━━━ Available data ━━━
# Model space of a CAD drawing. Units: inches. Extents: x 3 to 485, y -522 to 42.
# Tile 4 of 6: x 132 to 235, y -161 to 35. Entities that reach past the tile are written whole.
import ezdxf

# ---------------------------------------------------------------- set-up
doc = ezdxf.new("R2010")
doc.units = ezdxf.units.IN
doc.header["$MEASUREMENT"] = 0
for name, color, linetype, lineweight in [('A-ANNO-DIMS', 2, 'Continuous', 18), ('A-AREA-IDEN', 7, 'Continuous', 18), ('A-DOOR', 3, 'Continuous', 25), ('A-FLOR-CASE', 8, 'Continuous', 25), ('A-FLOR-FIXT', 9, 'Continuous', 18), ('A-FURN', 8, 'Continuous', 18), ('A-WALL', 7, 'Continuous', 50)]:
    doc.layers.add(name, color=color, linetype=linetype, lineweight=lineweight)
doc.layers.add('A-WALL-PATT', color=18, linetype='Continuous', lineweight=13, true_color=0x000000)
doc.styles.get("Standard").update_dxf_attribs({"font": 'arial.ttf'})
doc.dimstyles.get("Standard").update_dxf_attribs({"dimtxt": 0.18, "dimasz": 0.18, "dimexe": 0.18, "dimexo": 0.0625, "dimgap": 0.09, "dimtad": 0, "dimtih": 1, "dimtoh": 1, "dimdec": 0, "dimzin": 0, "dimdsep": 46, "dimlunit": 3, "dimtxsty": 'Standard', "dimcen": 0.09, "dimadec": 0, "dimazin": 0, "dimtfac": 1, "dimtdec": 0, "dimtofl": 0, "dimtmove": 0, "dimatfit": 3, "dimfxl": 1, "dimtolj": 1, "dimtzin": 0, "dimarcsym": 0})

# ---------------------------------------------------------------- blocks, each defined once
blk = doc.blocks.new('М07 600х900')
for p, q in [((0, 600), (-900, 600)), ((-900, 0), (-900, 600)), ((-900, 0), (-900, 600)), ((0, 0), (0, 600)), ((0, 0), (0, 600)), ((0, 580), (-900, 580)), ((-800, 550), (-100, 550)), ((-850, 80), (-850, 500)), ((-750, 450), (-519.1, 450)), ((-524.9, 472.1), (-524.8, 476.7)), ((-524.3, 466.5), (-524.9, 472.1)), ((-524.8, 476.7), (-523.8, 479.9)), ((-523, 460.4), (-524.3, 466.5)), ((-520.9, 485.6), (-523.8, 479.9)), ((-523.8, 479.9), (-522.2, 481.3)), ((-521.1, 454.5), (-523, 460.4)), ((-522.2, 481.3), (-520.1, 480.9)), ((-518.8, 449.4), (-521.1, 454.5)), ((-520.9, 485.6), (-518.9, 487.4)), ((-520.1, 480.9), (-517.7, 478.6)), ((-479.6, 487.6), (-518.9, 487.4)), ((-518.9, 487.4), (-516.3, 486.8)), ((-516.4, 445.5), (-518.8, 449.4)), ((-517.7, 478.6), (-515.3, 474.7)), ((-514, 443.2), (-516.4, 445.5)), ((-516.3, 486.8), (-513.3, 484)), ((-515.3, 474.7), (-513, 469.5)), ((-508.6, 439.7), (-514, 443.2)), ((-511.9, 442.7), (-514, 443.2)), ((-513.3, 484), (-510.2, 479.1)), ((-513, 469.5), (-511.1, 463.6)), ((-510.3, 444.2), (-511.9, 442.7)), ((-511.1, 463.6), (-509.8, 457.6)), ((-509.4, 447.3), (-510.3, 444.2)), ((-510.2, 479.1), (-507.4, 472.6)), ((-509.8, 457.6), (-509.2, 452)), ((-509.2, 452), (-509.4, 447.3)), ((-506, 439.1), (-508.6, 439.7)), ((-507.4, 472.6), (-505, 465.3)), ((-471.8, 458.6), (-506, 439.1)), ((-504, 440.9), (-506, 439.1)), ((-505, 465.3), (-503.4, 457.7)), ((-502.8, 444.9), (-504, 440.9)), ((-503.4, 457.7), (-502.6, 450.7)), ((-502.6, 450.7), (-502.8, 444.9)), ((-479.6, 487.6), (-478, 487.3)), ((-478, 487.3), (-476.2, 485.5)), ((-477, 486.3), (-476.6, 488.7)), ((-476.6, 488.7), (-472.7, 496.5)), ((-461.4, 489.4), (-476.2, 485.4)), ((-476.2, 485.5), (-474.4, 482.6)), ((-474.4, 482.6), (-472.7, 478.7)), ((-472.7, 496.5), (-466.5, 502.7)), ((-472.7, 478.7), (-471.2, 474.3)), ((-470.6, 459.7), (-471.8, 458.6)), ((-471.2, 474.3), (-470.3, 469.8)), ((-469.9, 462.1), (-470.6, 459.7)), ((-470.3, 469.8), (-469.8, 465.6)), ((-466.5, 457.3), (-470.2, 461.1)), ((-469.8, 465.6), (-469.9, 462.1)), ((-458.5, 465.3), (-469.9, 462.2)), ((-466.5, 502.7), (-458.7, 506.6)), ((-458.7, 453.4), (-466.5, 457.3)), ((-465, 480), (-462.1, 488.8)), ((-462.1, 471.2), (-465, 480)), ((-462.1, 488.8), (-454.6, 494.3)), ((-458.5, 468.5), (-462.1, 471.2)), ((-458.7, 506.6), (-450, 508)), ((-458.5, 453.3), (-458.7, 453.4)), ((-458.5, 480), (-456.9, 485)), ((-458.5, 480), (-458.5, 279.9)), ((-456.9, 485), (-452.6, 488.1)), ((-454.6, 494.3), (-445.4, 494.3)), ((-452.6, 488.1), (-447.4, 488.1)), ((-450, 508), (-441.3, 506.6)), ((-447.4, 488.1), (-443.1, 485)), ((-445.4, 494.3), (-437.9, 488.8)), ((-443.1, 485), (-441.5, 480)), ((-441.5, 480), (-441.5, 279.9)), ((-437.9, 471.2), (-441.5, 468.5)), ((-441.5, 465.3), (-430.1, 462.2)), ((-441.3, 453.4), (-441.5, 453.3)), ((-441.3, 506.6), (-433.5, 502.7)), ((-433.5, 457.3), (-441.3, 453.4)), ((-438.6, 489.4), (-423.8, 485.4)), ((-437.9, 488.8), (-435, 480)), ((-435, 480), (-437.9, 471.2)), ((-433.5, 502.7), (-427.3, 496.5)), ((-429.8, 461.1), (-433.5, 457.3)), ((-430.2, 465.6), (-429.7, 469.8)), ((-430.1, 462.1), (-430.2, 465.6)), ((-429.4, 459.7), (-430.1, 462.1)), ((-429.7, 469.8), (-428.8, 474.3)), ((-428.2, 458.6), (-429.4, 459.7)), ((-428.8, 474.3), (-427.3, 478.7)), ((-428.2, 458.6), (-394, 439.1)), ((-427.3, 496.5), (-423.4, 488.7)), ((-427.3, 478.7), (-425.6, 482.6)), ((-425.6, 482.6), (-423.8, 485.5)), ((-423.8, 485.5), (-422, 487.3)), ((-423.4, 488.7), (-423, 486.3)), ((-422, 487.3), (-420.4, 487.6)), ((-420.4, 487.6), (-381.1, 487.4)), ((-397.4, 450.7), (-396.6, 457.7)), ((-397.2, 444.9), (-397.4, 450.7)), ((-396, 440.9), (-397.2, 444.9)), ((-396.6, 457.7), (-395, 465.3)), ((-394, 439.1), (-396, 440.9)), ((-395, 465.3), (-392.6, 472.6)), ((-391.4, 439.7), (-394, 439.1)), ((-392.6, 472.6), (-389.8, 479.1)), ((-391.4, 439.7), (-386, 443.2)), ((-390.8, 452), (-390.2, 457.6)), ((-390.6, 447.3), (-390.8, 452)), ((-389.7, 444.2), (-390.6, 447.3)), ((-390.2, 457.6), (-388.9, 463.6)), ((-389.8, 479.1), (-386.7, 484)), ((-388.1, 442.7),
━━━
All lines above from the one with "linetype='Continuous', lineweight=13, true_color=0x000000)" to the one with "blk = doc.blocks.new('М07 600х900')", inclusive, should be copied exactly, and no other lines.

**Task response**
doc.layers.add('A-WALL-PATT', color=18, linetype='Continuous', lineweight=13, true_color=0x000000)
doc.styles.get("Standard").update_dxf_attribs({"font": 'arial.ttf'})
doc.dimstyles.get("Standard").update_dxf_attribs({"dimtxt": 0.18, "dimasz": 0.18, "dimexe": 0.18, "dimexo": 0.0625, "dimgap": 0.09, "dimtad": 0, "dimtih": 1, "dimtoh": 1, "dimdec": 0, "dimzin": 0, "dimdsep": 46, "dimlunit": 3, "dimtxsty": 'Standard', "dimcen": 0.09, "dimadec": 0, "dimazin": 0, "dimtfac": 1, "dimtdec": 0, "dimtofl": 0, "dimtmove": 0, "dimatfit": 3, "dimfxl": 1, "dimtolj": 1, "dimtzin": 0, "dimarcsym": 0})

# ---------------------------------------------------------------- blocks, each defined once
blk = doc.blocks.new('М07 600х900')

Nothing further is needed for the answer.